» Records from a dataset

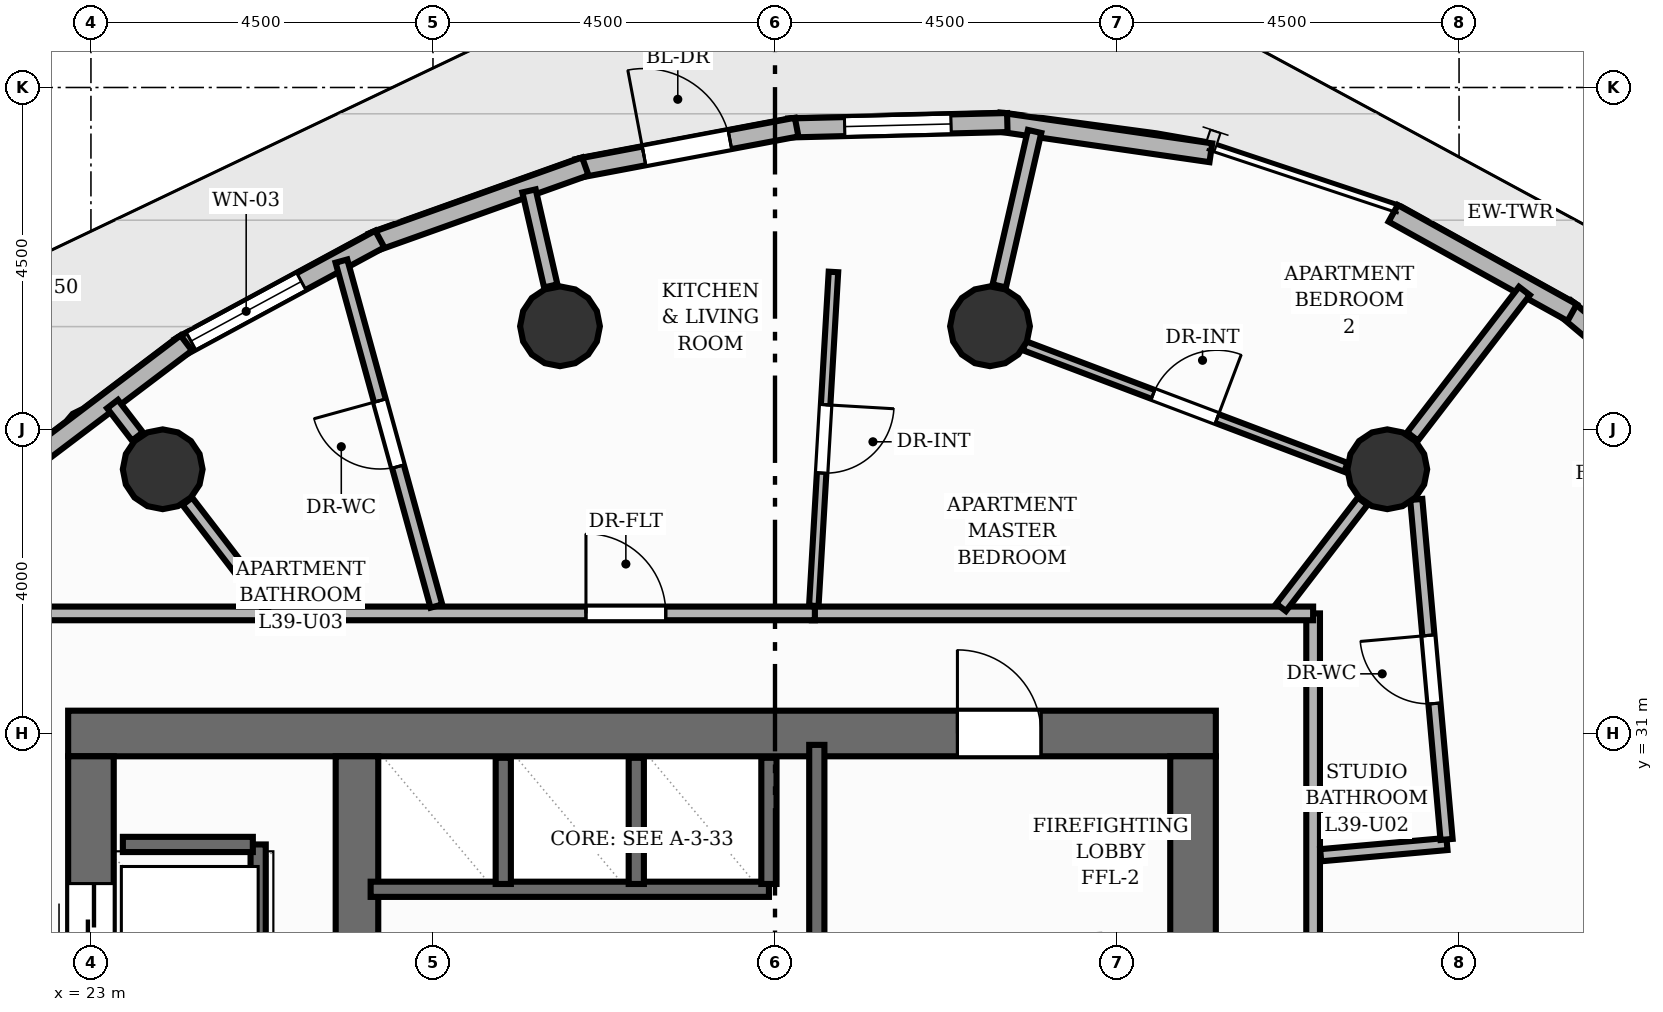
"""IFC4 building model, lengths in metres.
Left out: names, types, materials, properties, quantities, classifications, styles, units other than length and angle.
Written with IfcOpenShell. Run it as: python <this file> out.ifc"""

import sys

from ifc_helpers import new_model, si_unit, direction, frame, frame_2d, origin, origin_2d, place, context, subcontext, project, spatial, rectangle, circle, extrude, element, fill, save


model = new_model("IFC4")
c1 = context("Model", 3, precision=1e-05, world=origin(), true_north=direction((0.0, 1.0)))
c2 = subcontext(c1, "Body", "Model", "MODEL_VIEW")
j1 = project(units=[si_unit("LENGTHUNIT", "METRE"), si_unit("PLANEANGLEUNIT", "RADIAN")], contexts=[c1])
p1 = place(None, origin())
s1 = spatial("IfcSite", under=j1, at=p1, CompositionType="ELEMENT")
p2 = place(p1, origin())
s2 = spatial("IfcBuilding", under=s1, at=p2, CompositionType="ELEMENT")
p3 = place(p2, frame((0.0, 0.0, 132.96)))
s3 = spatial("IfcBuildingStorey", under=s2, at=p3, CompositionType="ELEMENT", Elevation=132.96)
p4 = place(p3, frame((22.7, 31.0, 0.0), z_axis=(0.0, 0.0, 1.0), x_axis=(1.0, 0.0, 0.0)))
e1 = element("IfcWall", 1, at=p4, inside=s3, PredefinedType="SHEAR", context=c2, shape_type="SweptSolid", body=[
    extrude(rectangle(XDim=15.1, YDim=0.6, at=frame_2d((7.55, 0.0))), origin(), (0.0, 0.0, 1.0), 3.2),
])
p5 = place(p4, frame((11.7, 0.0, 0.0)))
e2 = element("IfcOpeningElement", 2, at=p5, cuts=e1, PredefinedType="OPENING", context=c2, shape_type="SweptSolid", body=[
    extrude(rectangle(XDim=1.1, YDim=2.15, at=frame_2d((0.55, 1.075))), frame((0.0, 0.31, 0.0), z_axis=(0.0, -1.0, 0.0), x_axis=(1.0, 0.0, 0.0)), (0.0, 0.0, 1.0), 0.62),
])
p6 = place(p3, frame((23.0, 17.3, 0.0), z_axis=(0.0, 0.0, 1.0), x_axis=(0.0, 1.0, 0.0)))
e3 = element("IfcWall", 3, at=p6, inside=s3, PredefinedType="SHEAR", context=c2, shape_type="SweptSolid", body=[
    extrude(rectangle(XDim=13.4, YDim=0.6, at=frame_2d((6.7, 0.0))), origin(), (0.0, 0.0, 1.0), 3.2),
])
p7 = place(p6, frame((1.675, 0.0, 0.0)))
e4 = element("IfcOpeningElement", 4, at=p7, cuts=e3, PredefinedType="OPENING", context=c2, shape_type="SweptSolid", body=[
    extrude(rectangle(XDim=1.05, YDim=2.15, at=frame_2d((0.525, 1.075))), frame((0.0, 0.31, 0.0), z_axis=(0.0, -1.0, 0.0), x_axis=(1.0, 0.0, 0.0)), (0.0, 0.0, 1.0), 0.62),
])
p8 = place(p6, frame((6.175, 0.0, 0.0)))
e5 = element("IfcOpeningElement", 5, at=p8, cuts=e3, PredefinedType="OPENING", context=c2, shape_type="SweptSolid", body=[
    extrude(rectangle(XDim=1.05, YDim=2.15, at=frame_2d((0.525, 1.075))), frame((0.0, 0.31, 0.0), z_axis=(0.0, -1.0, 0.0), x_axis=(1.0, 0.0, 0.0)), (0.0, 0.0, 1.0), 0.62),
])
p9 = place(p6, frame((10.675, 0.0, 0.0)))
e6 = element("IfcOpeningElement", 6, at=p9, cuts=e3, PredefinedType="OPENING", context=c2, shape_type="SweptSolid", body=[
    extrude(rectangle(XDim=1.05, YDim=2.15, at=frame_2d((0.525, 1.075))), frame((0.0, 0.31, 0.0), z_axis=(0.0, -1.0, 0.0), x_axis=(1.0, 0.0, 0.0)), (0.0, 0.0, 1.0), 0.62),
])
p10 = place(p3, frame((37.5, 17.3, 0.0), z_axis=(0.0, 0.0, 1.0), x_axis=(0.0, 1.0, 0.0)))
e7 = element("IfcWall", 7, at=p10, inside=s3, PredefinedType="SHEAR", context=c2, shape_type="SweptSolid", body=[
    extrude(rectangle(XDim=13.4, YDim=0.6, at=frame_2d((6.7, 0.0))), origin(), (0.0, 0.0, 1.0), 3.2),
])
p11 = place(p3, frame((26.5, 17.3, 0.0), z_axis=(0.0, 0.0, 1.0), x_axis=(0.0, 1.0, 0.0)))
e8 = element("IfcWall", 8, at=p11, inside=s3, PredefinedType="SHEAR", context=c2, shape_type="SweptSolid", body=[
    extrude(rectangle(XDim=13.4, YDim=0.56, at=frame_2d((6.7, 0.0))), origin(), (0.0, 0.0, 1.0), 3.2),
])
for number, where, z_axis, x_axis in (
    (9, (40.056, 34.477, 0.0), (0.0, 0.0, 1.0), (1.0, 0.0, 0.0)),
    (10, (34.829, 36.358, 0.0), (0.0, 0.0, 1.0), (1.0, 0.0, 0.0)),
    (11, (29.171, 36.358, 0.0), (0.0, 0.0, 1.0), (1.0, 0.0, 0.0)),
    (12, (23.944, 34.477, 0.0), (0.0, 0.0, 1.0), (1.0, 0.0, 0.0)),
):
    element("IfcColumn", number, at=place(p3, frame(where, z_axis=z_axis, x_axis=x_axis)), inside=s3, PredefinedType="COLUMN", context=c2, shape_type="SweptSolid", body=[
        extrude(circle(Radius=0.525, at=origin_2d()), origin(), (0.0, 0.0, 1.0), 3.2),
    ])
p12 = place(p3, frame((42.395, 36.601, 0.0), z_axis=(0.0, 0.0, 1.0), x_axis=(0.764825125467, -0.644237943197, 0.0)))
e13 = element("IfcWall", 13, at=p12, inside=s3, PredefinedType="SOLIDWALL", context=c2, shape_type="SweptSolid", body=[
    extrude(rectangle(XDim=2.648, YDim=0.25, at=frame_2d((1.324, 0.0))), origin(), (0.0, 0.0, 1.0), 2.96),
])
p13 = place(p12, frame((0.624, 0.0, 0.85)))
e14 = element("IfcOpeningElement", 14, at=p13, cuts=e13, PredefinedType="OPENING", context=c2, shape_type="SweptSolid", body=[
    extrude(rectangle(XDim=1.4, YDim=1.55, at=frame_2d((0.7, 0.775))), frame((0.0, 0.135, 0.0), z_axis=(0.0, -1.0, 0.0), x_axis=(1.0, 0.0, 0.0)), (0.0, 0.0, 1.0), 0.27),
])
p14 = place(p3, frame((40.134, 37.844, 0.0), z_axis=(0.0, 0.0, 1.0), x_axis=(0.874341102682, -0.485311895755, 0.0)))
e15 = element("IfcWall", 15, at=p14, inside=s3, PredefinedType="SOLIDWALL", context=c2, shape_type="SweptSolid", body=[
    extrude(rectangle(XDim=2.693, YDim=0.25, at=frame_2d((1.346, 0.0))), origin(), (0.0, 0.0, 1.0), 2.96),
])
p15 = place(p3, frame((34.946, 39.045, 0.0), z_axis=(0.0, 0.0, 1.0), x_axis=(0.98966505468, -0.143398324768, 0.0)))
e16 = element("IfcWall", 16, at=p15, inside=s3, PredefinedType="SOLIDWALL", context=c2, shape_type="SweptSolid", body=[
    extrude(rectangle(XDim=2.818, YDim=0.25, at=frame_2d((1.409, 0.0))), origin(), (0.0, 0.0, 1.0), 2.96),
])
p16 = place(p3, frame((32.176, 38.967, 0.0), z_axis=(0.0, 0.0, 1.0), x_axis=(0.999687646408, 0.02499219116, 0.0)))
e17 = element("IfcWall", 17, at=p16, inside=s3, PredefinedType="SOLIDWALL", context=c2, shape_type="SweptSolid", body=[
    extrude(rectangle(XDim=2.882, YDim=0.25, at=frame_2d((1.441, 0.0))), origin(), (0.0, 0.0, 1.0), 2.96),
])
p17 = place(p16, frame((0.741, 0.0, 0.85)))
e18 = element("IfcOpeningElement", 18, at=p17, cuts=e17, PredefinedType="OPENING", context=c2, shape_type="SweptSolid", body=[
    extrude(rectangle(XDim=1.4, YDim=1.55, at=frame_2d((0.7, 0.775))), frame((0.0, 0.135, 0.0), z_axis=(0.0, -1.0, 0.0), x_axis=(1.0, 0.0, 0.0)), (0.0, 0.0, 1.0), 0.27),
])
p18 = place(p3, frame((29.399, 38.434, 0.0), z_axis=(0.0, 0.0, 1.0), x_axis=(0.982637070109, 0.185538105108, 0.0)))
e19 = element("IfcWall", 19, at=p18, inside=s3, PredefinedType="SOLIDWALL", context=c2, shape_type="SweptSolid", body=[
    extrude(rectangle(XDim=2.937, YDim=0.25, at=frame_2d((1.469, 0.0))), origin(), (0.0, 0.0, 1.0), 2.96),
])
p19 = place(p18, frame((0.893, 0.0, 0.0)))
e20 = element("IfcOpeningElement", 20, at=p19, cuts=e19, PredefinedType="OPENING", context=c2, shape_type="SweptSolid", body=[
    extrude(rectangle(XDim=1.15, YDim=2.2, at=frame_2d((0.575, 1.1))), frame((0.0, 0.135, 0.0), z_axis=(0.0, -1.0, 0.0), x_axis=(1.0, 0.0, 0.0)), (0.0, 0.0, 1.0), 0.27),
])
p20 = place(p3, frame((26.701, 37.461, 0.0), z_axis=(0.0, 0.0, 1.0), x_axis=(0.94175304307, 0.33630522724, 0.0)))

» About this task
Among the entries, find each line that includes the string "number" and copy it.

» Result for this exercise
for number, where, z_axis, x_axis in (
    element("IfcColumn", number, at=place(p3, frame(where, z_axis=z_axis, x_axis=x_axis)), inside=s3, PredefinedType="COLUMN", context=c2, shape_type="SweptSolid", body=[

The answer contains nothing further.